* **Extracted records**

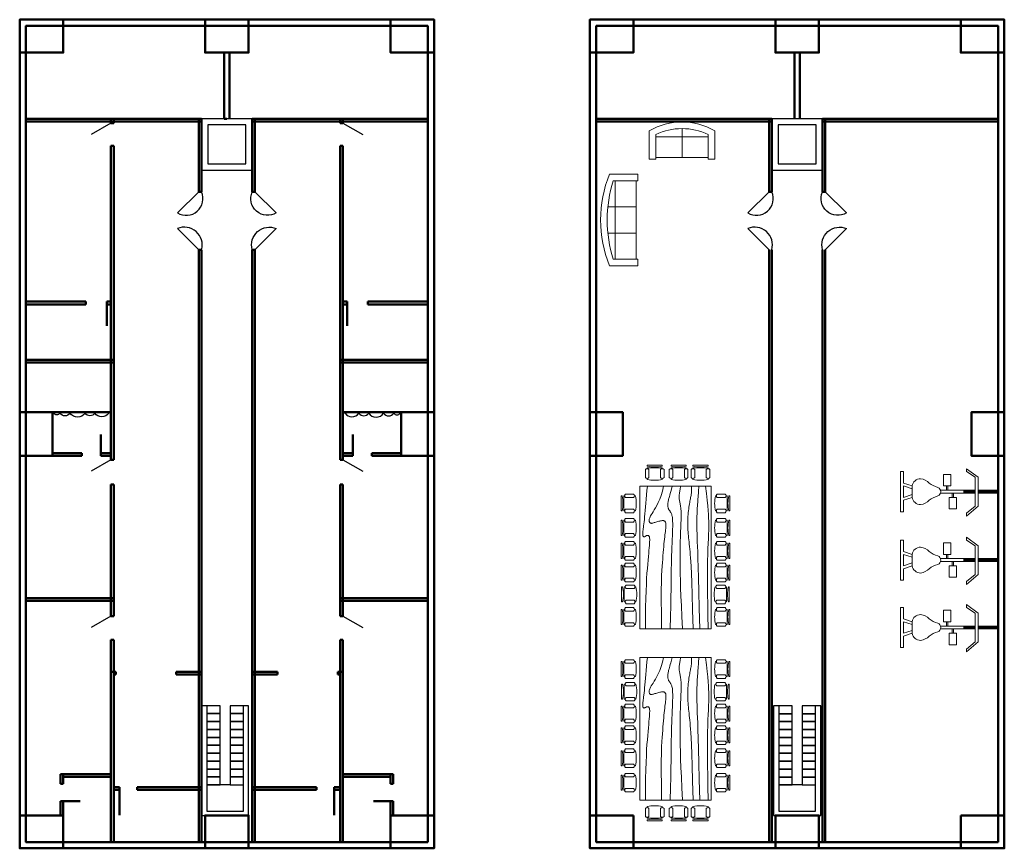
# Model space of a CAD drawing. Units: feet. Extents: x 1080 to 13444, y 870 to 7060.
# Tile 3 of 5: x 5917 to 7342, y 1047 to 2247. Entities that reach past the tile are written whole.
import ezdxf

# ---------------------------------------------------------------- set-up
doc = ezdxf.new("R2010")
doc.units = ezdxf.units.FT
for name, color, linetype, lineweight in [('A-ANNO-NPLT', 8, 'Continuous', 13), ('A-COLS', 1, 'Continuous', 50), ('A-DOOR', 4, 'Continuous', 25), ('A-FLOR-EVTR', 6, 'Continuous', 25), ('A-FLOR-STRS', 2, 'Continuous', 25), ('A-FURN', 8, 'Continuous', 18), ('A-GLAZ', 3, 'Continuous', 25), ('A-WALL', 7, 'Continuous', 50)]:
    doc.layers.add(name, color=color, linetype=linetype, lineweight=lineweight)

# ---------------------------------------------------------------- blocks, each defined once
blk = doc.blocks.new('Table - Rectangular Woodgrain 60 x 30 in.')
for p, q in [((0, 0), (0, -30)), ((60, 0), (0, 0)), ((60, -30), (60, 0)), ((0, -30), (60, -30))]:
    blk.add_line(p, q)
for points in [[(0, -2.4), (4.8155, -2.418), (9.0302, -2.4688), (12.709, -2.5477), (15.9167, -2.65), (18.7181, -2.7711), (21.1781, -2.9063), (23.3616, -3.0508), (25.3333, -3.2), (27.1477, -3.3495), (28.8172, -3.4958), (30.3437, -3.636), (31.7291, -3.7667), (32.9756, -3.8849), (34.0849, -3.9875), (35.059, -4.0714), (35.9, -4.1334), (36.6114, -4.1711), (37.2041, -4.1854), (37.6906, -4.1779), (38.0833, -4.15), (38.3948, -4.1034), (38.6375, -4.0396), (38.8239, -3.9602), (38.9666, -3.8667), (39.0764, -3.7608), (39.1573, -3.6448), (39.2116, -3.521), (39.2416, -3.3917), (39.2498, -3.2593), (39.2385, -3.1261), (39.21, -2.9944), (39.1666, -2.8667), (39.111, -2.7447), (39.0468, -2.6281), (38.978, -2.5163), (38.9083, -2.4083), (38.8418, -2.3035), (38.7823, -2.201), (38.7337, -2.1001), (38.7, -2), (38.6844, -1.9003), (38.6875, -1.8021), (38.7094, -1.707), (38.75, -1.6167), (38.8094, -1.5326), (38.8875, -1.4563), (38.9844, -1.3893), (39.1, -1.3333), (39.2351, -1.2896), (39.3937, -1.2583), (39.5804, -1.2396), (39.8, -1.2333), (40.057, -1.2396), (40.3562, -1.2583), (40.7023, -1.2896), (41.1, -1.3333), (41.5547, -1.3895), (42.0755, -1.4573), (42.6721, -1.5361), (43.3542, -1.625), (44.1316, -1.7233), (45.014, -1.8302), (46.0114, -1.9449), (47.1333, -2.0667), (48.3862, -2.1947), (49.7625, -2.3281), (51.2513, -2.4663), (52.8416, -2.6083), (54.5226, -2.7535), (56.2833, -2.9011), (58.1127, -3.0501), (60, -3.2)], [(0, -9.2), (6.5759, -9.0858), (11.9385, -9.0365), (16.2527, -9.0418), (19.6833, -9.0917), (22.3952, -9.1759), (24.5531, -9.2844), (26.322, -9.4069), (27.8666, -9.5333), (29.3241, -9.6553), (30.7203, -9.7719), (32.0532, -9.8837), (33.3208, -9.9917), (34.5213, -10.0965), (35.6526, -10.199), (36.7128, -10.2999), (37.7, -10.4), (38.6129, -10.4996), (39.4531, -10.5969), (40.223, -10.6895), (40.925, -10.775), (41.5613, -10.8512), (42.1344, -10.9156), (42.6465, -10.966), (43.1, -11), (43.4976, -11.0158), (43.8437, -11.0136), (44.143, -10.9942), (44.4, -10.9583), (44.6195, -10.9069), (44.8062, -10.8406), (44.9648, -10.7603), (45.1, -10.6667), (45.2155, -10.5598), (45.3114, -10.4365), (45.3871, -10.2929), (45.4416, -10.125), (45.4743, -9.929), (45.4844, -9.7011), (45.4709, -9.4371), (45.4333, -9.1333), (45.3716, -8.7883), (45.2896, -8.4104), (45.1919, -8.0107), (45.0833, -7.6), (44.9685, -7.1893), (44.8521, -6.7896), (44.7388, -6.4117), (44.6333, -6.0667), (44.54, -5.7628), (44.4614, -5.4979), (44.4001, -5.2675), (44.3583, -5.0667), (44.3384, -4.8909), (44.3427, -4.7354), (44.3736, -4.5956), (44.4333, -4.4667), (44.5236, -4.3453), (44.6427, -4.2333), (44.7884, -4.1339), (44.9583, -4.05), (45.1501, -3.9849), (45.3614, -3.9417), (45.59, -3.9234), (45.8333, -3.9333), (46.0915, -3.9749), (46.3734, -4.0531), (46.6906, -4.1736), (47.0542, -4.3417), (47.4756, -4.5629), (47.9661, -4.8427), (48.5372, -5.1866), (49.2, -5.6), (49.9676, -6.0844), (50.8594, -6.625), (51.8965, -7.2031), (53.1, -7.8), (54.491, -8.3969), (56.0906, -8.975), (57.9199, -9.5156), (60, -10)], [(0, -12.8), (5.1847, -12.9322), (9.6213, -13.0323), (13.3963, -13.1059), (16.5958, -13.1583), (19.3063, -13.1952), (21.614, -13.2219), (23.6054, -13.2439), (25.3666, -13.2667), (26.9728, -13.2947), (28.4531, -13.3281), (29.8256, -13.3663), (31.1083, -13.4083), (32.3191, -13.4535), (33.476, -13.501), (34.597, -13.5501), (35.7, -13.6), (36.7984, -13.6497), (37.8875, -13.6979), (38.9578, -13.743), (40, -13.7833), (41.0047, -13.8174), (41.9625, -13.8438), (42.864, -13.8607), (43.7, -13.8667), (44.4631, -13.8604), (45.1552, -13.8417), (45.7801, -13.8104), (46.3416, -13.7667), (46.8439, -13.7104), (47.2906, -13.6417), (47.6858, -13.5604), (48.0333, -13.4667), (48.3375, -13.3608), (48.6042, -13.2448), (48.8396, -13.121), (49.05, -12.9917), (49.2417, -12.8593), (49.4208, -12.7261), (49.5937, -12.5944), (49.7667, -12.4667), (49.9452, -12.3451), (50.1323, -12.2313), (50.3303, -12.1268), (50.5416, -12.0333), (50.7686, -11.9524), (51.0135, -11.8854), (51.2788, -11.8341), (51.5666, -11.8), (51.8785, -11.7843), (52.2116, -11.7865), (52.562, -11.8059), (52.926, -11.8417), (53.2998, -11.8931), (53.6795, -11.9594), (54.0614, -12.0397), (54.4416, -12.1333), (54.8223, -12.2401), (55.2293, -12.3625), (55.6942, -12.5037), (56.2489, -12.6667), (56.9251, -12.8547), (57.7545, -13.0708), (58.7689, -13.3182), (60, -13.6)], [(0, -18), (5.124, -17.7273), (9.6609, -17.5057), (13.6705, -17.3303), (17.2125, -17.1958), (20.3467, -17.0973), (23.1328, -17.0297), (25.6307, -16.9878), (27.9, -16.9667), (29.9928, -16.9617), (31.9302, -16.9703), (33.7254, -16.9907), (35.3917, -17.0208), (36.9423, -17.0588), (38.3906, -17.1026), (39.7499, -17.1503), (41.0333, -17.2), (42.2519, -17.2496), (43.4073, -17.2969), (44.4986, -17.3395), (45.525, -17.375), (46.4858, -17.4012), (47.3802, -17.4156), (48.2074, -17.416), (48.9667, -17.4), (49.6583, -17.3662), (50.2872, -17.3167), (50.8595, -17.2547), (51.3812, -17.1833), (51.8584, -17.1057), (52.2971, -17.025), (52.7034, -16.9443), (53.0833, -16.8667), (53.443, -16.7951), (53.789, -16.7313), (54.128, -16.6768), (54.4666, -16.6334), (54.8115, -16.6024), (55.1693, -16.5854), (55.5465, -16.5841), (55.95, -16.6), (56.3828, -16.6337), (56.8346, -16.6823), (57.2915, -16.7418), (57.7396, -16.8084), (58.165, -16.878), (58.5539, -16.9469), (58.8924, -17.0111), (59.1666, -17.0667), (59.3679, -17.1107), (59.5078, -17.1438), (59.6032, -17.1675), (59.6708, -17.1833), (59.7275, -17.193), (59.7901, -17.1979), (59.8753, -17.1998), (60, -17.2)], [(0, -22.4), (8.0098, -22.2501), (14.4094, -22.1011), (19.4168, -21.9535), (23.25, -21.8083), (26.1269, -21.6663), (28.2656, -21.5281), (29.884, -21.3947), (31.2, -21.2667), (32.3967, -21.1448), (33.5172, -21.0292), (34.5697, -20.9198), (35.5625, -20.8167), (36.5037, -20.7198), (37.4015, -20.6292), (38.2642, -20.5448), (39.1, -20.4667), (39.9164, -20.3951), (40.7187, -20.3313), (41.5117, -20.2768), (42.3, -20.2333), (43.0883, -20.2024), (43.8812, -20.1854), (44.6836, -20.1841), (45.5, -20.2), (46.3328, -20.234), (47.1747, -20.2844), (48.0163, -20.3488), (48.8479, -20.425), (49.66, -20.5106), (50.4429, -20.6031), (51.1872, -20.7004), (51.8833, -20.8), (52.5246, -20.8999), (53.1166, -20.9995), (53.6681, -21.0983), (54.1875, -21.1958), (54.6834, -21.2919), (55.1646, -21.3859), (55.6394, -21.4777), (56.1167, -21.5667), (56.6028, -21.6515), (57.0961, -21.7266), (57.5929, -21.7852), (58.0896, -21.8208), (58.5823, -21.8268), (59.0674, -21.7964), (59.5412, -21.723), (60, -21.6)], [(0, -25.2), (8.6355, -25.0504), (15.7026, -24.9031), (21.4049, -24.7606), (25.9458, -24.625), (29.529, -24.4988), (32.3578, -24.3844), (34.6359, -24.284), (36.5667, -24.2), (38.3213, -24.1341), (39.9417, -24.0854), (41.437, -24.0523), (42.8167, -24.0333), (44.0901, -24.0268), (45.2667, -24.0313), (46.3557, -24.0451), (47.3667, -24.0667), (48.309, -24.0947), (49.1928, -24.1287), (50.0284, -24.168), (50.826, -24.2125), (51.5959, -24.2617), (52.3483, -24.3151), (53.0935, -24.3725), (53.8417, -24.4334), (54.6009, -24.497), (55.3699, -24.561), (56.1454, -24.6226), (56.9239, -24.6792), (57.7021, -24.7279), (58.4764, -24.7662), (59.2435, -24.7911), (60, -24.8)], [(0, -28.8), (5.6867, -28.6681), (10.45, -28.5698), (14.407, -28.5012), (17.675, -28.4584), (20.3711, -28.4374), (22.6125, -28.4344), (24.5164, -28.4455), (26.2, -28.4667), (27.762, -28.4947), (29.2276, -28.5281), (30.6033, -28.5663), (31.8958, -28.6084), (33.1118, -28.6535), (34.2578, -28.7011), (35.3405, -28.7501), (36.3666, -28.8), (37.3443, -28.8497), (38.288, -28.8974), (39.2137, -28.9412), (40.1375, -28.9792), (41.0753, -29.0093), (42.0432, -29.0297), (43.0572, -29.0384), (44.1333, -29.0333), (45.2936, -29.0114), (46.5843, -28.9641), (48.0579, -28.8816), (49.7666, -28.7542), (51.7629, -28.5721), (54.0989, -28.3255), (56.8272, -28.0048), (60, -27.6)]]:
    blk.add_lwpolyline(points)
blk = doc.blocks.new('Chair - Desk')
for p, q in [((-8.5, 0), (-8.5, -1)), ((-8.5, 0), (8.5, 0)), ((8.5, 0), (8.5, -1)), ((-10.5, -5), (-10.5, -14)), ((-8.5, -3), (-8.5, -4)), ((-8.5, -3), (8.5, -3)), ((-6.5, -14), (-6.5, -5)), ((-2, -3), (-2, -1.9355)), ((2, -1.9576), (2, -3)), ((6.5, -5), (6.5, -14)), ((8.5, -3), (8.5, -4)), ((10.5, -14), (10.5, -5)), ((-8.5, -15), (-8.5, -16)), ((8.5, -15), (8.5, -16))]:
    blk.add_line(p, q)
for centre, radius, start, end in [((-8.5, -6.5), 2.5, 36.8699, 143.1301), ((0, 34.625), 36.625, 256.5803, 283.4197), ((8.5, -6.5), 2.5, 36.8699, 143.1301), ((-8.5, -12.5), 2.5, 216.8699, 323.1301), ((0, 19.625), 36.625, 256.5803, 283.4197), ((8.5, -12.5), 2.5, 216.8699, 323.1301)]:
    blk.add_arc(centre, radius, start, end)
blk = doc.blocks.new('Sofa - Roundback 7 ft.')
for p, q in [((-12.00002, -32.4421), (-12.00003, -6.5971)), ((11.99997, -32.4421), (11.99998, -6.5971)), ((-36.000027, -34), (-36.000027, -11.4696)), ((-35.999844, -13.3819), (35.9998, -13.3819)), ((35.99998, -34), (35.99998, -11.4696)), ((-36.000027, -32.4421), (35.99998, -32.4421))]:
    blk.add_line(p, q)
for points in [[(-36.000027, -34), (-42.000027, -34), (-42.000027, -8)], [(41.99998, -8), (41.99998, -34), (35.99998, -34)]]:
    blk.add_lwpolyline(points)
for centre, radius, start, end in [((0, -114.25), 114.25, 68.43141, 111.5686), ((-0.00001, -127.1968), 121.1968, 72.72033, 107.2797)]:
    blk.add_arc(centre, radius, start, end)
blk = doc.blocks.new('Sofa - Roundback Loveseat 5 ft.')
for p, q in [((0, -32.44198), (0, -5.99998)), ((-24, -33.99998), (-24, -11.46958)), ((-23.9998, -13.38178), (23.99986, -13.38178)), ((24.00004, -33.99998), (24.00004, -11.46958)), ((-24, -32.44198), (24.00004, -32.44198))]:
    blk.add_line(p, q)
for points in [[(-24, -33.99998), (-30, -33.99998), (-30, -7.99998)], [(30.00004, -7.99998), (30.00004, -33.99998), (24.00004, -33.99998)]]:
    blk.add_lwpolyline(points)
for centre, radius, start, end in [((0, -60.24998), 60.24998, 60.13715, 119.8628), ((0, -61.38438), 55.38444, 64.32083, 115.6792)]:
    blk.add_arc(centre, radius, start, end)
blk = doc.blocks.new('Exercise Bike')
for p, q in [((-0.75, 10), (-0.75, 17)), ((-0.75, 17), (0.25, 17)), ((-0.5, 17), (-0.5, 9.9929)), ((-0.25, 10), (-0.25, 17)), ((0, 17), (0, 9.9929)), ((0.25, 17), (0.25, 10)), ((-5.25, 10), (-8.25, 6)), ((-7.25, 6), (-5.25, 9)), ((-0.75, 10), (-5.25, 10)), ((-5.25, 9), (4.75, 9)), ((4.75, 10), (-0.75, 10)), ((-0.75, 5), (-0.75, 9)), ((-0.5, 8.9396), (-0.5, 5)), ((-0.25, 5), (-0.25, 9)), ((0, 8.9396), (0, 5)), ((0.25, 9), (0.25, 5)), ((8.25, 6), (4.75, 10)), ((4.75, 9), (7.25, 6)), ((-8.25, 6), (-7.25, 6)), ((-0.75, -3.0635), (-0.75, 5)), ((-0.75, 5), (0.25, 5)), ((0.25, 5), (0.25, -3.0635)), ((7.25, 6), (8.25, 6)), ((-6.25, -2), (-6.25, 0.5)), ((-2.25, 0.5), (-6.25, 0.5)), ((-2.25, -0.5), (-2.25, 0.5)), ((0.25, 1.5), (1.75, 1.5)), ((0.25, 1), (1.75, 1)), ((1.75, 2.5), (5.75, 2.5)), ((1.75, 1.5), (1.75, 2.5)), ((1.75, 1.5), (1.75, 0)), ((1.75, 0), (5.75, 0)), ((5.75, 2.5), (5.75, 0)), ((-2.25, -2), (-6.25, -2)), ((-2.25, -0.5), (-0.75, -0.5)), ((-2.25, -1), (-2.25, -0.5)), ((-2.25, -1), (-2.25, -2)), ((-0.75, -1), (-2.25, -1)), ((-2.25, -13), (-3.25, -16)), ((-2.25, -16), (-1.25, -13)), ((-2.25, -13), (1.75, -13)), ((0.75, -13), (1.75, -16)), ((1.75, -13), (2.75, -16)), ((-7.25, -16), (-7.25, -17)), ((-4.75, -16), (-7.25, -16)), ((-7.25, -17), (6.75, -17)), ((-3.25, -16), (-4.75, -16)), ((1.75, -16), (-2.25, -16)), ((6.75, -16), (2.75, -16)), ((6.75, -17), (6.75, -16))]:
    blk.add_line(p, q)
for centre, radius, start, end in [((-0.25, -4.625), 1.625, 22.61987, 157.3801), ((-9.6692, -1.9154), 8.1889, 321.6175, 345.2525), ((9.1691, -1.9154), 8.1889, 194.7476, 218.3825), ((0.1685, -10.5843), 4.9531, 133.6443, 173.2256), ((-1.7006, -10.0005), 3.0494, 179.9906, 259.6205), ((1.2006, -10.0005), 3.0494, 280.3795, 0.009389), ((-0.6686, -10.5843), 4.9531, 6.774486, 46.35562)]:
    blk.add_arc(centre, radius, start, end)
blk = doc.blocks.new('DOOR-SWING-A')
blk.add_line((30.9, 34), (0, 3.5))
blk.add_arc((12.6, 24.3), 24.3, 238.69, 23.7025)
blk = doc.blocks.new('DOOR-SWING-B')
blk.add_line((0, 30.5), (30.9, 0))
blk.add_arc((10.2, 7), 25.6, 344.0766, 113.531)

msp = doc.modelspace()

# ---------------------------------------------------------------- linework, layer by layer
at = {"layer": 'A-ANNO-NPLT'}
for p in [(6052.7, 1405), (6380.4, 1405)]:
    msp.add_point(p, dxfattribs=at)
at = {"layer": 'A-COLS'}
for points in [[(5916.5, 2246.8), (5979.5, 2246.8), (5979.5, 2199.1), (5916.5, 2199.1)], [(6185, 2246.8), (6248, 2246.8), (6248, 2199.1), (6185, 2199.1)], [(6453.5, 2246.8), (6516.5, 2246.8), (6516.5, 2199.1), (6453.5, 2199.1)], [(6742.3, 2246.8), (6805.3, 2246.8), (6805.3, 2199.1), (6742.3, 2199.1)], [(7010.8, 2246.8), (7073.8, 2246.8), (7073.8, 2199.1), (7010.8, 2199.1)], [(7279.3, 2246.8), (7342.3, 2246.8), (7342.3, 2199.1), (7279.3, 2199.1)], [(5916.5, 1615.2), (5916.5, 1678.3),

* **What to work on**
Starting from the first line of the entries above, print each line exactly until the line containing "doc.units = ezdxf.units.FT" has been printed, and skip the pictures.

* **Answer box**
# Model space of a CAD drawing. Units: feet. Extents: x 1080 to 13444, y 870 to 7060.
# Tile 3 of 5: x 5917 to 7342, y 1047 to 2247. Entities that reach past the tile are written whole.
import ezdxf

# ---------------------------------------------------------------- set-up
doc = ezdxf.new("R2010")
doc.units = ezdxf.units.FT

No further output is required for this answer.